PROVIDED RECORDS:
▬▬▬▬▬▬▬▬▬▬

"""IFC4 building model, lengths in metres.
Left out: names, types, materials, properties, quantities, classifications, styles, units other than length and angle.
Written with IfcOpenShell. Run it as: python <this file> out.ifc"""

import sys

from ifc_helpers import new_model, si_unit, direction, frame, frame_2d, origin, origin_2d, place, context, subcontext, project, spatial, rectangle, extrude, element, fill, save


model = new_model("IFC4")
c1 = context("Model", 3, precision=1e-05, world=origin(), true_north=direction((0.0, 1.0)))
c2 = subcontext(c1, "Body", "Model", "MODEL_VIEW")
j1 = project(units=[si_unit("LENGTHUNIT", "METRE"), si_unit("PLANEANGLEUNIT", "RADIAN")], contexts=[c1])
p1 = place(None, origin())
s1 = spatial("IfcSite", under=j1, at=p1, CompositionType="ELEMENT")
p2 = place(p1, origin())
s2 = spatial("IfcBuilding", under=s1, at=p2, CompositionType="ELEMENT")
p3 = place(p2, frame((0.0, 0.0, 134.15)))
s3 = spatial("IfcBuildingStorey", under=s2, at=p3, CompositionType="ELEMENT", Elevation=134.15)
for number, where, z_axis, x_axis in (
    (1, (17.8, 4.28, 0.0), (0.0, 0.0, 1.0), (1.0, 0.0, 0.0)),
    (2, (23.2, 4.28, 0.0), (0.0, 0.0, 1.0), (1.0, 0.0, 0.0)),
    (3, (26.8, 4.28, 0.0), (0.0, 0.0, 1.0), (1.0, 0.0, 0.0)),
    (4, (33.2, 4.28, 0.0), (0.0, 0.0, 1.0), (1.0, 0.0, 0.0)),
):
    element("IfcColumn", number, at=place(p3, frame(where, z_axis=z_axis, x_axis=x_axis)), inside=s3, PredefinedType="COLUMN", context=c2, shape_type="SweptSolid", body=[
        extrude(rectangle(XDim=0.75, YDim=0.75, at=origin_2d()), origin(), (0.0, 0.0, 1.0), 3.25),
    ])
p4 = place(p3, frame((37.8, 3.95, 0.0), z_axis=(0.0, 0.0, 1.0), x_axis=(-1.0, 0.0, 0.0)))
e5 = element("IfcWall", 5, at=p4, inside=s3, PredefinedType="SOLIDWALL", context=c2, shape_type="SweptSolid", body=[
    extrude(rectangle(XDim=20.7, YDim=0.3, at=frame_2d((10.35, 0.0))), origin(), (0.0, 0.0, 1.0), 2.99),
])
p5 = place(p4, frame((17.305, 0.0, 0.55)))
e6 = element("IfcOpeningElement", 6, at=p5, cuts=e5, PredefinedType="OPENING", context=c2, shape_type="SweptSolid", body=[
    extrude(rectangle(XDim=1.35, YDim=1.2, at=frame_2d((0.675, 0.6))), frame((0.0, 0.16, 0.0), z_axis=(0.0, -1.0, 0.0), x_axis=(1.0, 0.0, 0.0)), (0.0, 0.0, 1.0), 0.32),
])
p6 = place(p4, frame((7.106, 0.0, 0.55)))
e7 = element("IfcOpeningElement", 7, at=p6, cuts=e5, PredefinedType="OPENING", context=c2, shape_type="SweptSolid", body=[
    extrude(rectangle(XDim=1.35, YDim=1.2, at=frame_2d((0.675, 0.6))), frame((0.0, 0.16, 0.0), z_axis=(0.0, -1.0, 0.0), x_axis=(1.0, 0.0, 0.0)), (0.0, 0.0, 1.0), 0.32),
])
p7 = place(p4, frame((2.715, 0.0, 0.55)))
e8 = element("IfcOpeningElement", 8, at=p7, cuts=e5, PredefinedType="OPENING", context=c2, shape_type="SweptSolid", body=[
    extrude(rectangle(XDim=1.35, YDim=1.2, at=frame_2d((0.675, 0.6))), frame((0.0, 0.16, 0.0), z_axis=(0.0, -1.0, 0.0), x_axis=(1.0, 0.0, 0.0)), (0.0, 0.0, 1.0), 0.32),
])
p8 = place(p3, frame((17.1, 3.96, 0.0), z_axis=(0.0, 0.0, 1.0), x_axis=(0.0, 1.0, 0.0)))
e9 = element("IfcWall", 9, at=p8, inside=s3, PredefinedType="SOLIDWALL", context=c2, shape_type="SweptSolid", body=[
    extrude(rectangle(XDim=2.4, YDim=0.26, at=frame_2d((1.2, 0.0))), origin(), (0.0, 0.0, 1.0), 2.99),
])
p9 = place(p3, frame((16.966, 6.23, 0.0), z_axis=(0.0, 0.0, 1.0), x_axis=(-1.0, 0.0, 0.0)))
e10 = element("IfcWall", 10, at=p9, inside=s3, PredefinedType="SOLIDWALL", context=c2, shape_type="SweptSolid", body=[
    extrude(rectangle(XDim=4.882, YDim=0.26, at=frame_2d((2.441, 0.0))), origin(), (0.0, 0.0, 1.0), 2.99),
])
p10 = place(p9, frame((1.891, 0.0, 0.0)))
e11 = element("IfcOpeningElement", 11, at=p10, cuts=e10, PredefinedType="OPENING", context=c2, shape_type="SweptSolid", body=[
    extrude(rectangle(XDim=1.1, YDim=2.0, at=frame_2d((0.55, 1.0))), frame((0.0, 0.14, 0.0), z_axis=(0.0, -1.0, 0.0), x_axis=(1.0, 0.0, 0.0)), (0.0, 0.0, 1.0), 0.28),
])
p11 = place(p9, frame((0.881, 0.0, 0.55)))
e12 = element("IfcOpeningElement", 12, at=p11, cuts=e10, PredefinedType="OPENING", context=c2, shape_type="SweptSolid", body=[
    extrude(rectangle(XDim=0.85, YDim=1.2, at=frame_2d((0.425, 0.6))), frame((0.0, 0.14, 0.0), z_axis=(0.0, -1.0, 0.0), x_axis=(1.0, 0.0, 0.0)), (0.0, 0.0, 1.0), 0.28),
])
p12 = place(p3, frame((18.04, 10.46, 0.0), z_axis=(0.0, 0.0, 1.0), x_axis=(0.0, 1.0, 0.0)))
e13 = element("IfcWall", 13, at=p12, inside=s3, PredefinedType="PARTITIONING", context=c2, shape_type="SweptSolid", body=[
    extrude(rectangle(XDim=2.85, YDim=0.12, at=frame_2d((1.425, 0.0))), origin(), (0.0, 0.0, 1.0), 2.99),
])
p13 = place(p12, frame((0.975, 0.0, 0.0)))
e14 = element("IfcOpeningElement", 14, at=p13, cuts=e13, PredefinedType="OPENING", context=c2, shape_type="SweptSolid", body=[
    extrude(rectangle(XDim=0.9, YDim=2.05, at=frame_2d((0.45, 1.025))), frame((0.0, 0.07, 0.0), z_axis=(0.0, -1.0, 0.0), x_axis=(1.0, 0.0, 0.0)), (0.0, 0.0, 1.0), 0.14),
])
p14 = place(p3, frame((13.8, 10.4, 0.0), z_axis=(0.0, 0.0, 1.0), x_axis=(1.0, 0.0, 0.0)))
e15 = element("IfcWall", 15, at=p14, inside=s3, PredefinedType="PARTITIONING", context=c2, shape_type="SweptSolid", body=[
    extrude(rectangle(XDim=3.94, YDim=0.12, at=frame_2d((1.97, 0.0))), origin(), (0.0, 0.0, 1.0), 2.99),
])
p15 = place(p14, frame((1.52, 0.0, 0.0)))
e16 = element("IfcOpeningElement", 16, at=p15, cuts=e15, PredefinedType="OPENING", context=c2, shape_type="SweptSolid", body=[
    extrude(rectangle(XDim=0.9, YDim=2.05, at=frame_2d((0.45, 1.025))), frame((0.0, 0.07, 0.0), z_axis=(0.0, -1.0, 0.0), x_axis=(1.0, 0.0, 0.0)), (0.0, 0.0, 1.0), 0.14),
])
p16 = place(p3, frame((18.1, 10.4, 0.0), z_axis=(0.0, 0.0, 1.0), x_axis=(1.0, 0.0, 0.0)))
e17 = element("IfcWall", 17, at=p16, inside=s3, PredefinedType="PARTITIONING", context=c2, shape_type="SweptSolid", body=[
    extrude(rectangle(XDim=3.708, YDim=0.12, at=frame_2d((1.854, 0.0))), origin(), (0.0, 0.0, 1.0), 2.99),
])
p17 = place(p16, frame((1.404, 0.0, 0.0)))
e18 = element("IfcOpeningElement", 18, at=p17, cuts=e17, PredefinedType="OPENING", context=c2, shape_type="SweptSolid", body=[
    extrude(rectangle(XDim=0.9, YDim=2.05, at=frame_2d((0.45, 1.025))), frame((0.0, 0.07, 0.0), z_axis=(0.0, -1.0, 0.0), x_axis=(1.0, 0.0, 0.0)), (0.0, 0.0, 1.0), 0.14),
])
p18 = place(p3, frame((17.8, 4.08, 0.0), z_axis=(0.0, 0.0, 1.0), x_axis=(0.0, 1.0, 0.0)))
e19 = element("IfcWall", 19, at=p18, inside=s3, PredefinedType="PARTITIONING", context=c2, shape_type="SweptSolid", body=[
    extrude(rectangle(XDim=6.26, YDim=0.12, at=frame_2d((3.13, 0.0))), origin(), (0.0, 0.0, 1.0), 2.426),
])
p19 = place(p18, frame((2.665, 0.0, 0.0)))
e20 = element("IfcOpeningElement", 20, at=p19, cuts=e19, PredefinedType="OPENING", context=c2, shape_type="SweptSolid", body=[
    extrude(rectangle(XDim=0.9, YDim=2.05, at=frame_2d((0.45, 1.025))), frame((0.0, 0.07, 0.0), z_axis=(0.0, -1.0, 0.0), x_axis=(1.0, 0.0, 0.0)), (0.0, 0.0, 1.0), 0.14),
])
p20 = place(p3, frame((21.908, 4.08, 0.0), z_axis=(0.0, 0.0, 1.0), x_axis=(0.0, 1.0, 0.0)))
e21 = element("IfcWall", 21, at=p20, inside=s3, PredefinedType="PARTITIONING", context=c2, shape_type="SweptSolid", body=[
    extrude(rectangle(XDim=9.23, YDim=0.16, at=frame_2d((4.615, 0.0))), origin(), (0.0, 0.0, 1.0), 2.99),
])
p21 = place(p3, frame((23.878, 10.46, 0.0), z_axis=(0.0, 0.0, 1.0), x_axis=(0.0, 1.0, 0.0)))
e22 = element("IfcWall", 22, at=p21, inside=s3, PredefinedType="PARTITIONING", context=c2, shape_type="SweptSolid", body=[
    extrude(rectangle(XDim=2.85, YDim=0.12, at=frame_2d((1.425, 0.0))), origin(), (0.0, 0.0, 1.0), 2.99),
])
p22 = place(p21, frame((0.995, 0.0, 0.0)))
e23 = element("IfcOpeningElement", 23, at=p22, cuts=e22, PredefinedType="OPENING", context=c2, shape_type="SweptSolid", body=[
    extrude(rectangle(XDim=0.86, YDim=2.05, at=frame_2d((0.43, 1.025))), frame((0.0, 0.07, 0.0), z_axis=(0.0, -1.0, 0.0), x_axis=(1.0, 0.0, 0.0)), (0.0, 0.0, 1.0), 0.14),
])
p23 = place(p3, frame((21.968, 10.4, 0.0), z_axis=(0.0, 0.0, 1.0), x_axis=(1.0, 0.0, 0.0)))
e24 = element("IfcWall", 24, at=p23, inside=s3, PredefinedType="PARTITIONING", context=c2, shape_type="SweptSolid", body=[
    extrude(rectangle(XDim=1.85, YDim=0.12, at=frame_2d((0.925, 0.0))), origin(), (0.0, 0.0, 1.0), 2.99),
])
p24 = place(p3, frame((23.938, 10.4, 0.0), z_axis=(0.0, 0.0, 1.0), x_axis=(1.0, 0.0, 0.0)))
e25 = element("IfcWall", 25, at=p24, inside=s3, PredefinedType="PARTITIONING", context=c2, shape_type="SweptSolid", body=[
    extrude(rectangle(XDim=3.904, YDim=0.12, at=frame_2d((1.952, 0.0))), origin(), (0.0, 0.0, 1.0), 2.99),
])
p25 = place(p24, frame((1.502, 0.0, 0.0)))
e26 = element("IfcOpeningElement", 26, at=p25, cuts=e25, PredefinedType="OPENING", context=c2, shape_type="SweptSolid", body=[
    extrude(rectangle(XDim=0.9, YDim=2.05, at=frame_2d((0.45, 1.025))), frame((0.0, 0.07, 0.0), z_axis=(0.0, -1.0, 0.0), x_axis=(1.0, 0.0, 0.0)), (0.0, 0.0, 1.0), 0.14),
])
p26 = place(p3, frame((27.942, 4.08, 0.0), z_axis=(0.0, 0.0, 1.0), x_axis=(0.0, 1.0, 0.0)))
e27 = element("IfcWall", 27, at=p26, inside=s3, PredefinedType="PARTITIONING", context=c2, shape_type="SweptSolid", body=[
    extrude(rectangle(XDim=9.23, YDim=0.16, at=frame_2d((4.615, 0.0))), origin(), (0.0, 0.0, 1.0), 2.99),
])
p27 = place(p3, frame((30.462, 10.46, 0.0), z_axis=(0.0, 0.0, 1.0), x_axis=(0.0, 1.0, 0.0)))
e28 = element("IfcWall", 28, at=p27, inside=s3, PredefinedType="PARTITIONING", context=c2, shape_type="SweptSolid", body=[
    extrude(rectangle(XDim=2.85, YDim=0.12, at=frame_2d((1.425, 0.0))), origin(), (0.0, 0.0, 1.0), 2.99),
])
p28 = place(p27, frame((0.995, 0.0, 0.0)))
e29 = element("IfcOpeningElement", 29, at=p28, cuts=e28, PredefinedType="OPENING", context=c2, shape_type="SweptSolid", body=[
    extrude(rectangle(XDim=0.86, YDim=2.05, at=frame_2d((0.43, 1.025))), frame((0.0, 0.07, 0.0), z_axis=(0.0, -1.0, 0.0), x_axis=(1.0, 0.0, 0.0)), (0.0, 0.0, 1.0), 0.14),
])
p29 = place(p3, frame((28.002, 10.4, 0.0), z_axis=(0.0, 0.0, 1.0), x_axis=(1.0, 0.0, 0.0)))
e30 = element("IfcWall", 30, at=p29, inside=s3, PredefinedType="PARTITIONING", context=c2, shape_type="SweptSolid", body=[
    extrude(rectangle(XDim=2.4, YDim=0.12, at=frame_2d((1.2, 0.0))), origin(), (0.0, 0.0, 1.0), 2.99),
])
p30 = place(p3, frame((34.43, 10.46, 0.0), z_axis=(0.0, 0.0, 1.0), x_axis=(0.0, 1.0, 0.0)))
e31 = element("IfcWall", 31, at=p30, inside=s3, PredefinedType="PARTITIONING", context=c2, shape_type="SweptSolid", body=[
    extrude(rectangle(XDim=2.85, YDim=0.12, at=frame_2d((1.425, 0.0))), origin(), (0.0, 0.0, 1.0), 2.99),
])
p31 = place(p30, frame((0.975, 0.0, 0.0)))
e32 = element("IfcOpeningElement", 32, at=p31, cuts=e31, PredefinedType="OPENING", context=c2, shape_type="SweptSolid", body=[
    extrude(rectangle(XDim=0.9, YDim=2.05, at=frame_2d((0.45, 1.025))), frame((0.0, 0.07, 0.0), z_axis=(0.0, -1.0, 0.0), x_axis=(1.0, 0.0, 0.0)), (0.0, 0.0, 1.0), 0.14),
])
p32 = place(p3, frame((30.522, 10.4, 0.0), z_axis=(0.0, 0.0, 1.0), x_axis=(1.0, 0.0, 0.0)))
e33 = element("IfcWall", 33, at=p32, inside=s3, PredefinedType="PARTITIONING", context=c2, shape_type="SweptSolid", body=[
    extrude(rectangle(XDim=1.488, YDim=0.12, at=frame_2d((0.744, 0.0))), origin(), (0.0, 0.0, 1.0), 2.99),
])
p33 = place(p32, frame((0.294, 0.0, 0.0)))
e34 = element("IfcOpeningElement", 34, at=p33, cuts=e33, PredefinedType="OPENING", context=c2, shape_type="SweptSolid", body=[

▬▬▬▬▬▬▬▬▬▬

PROBLEM DESCRIPTION:
Look over the entries above and tally the lines containing the string "units"; the answer is that total only.

EXPECTED OUTPUT:
2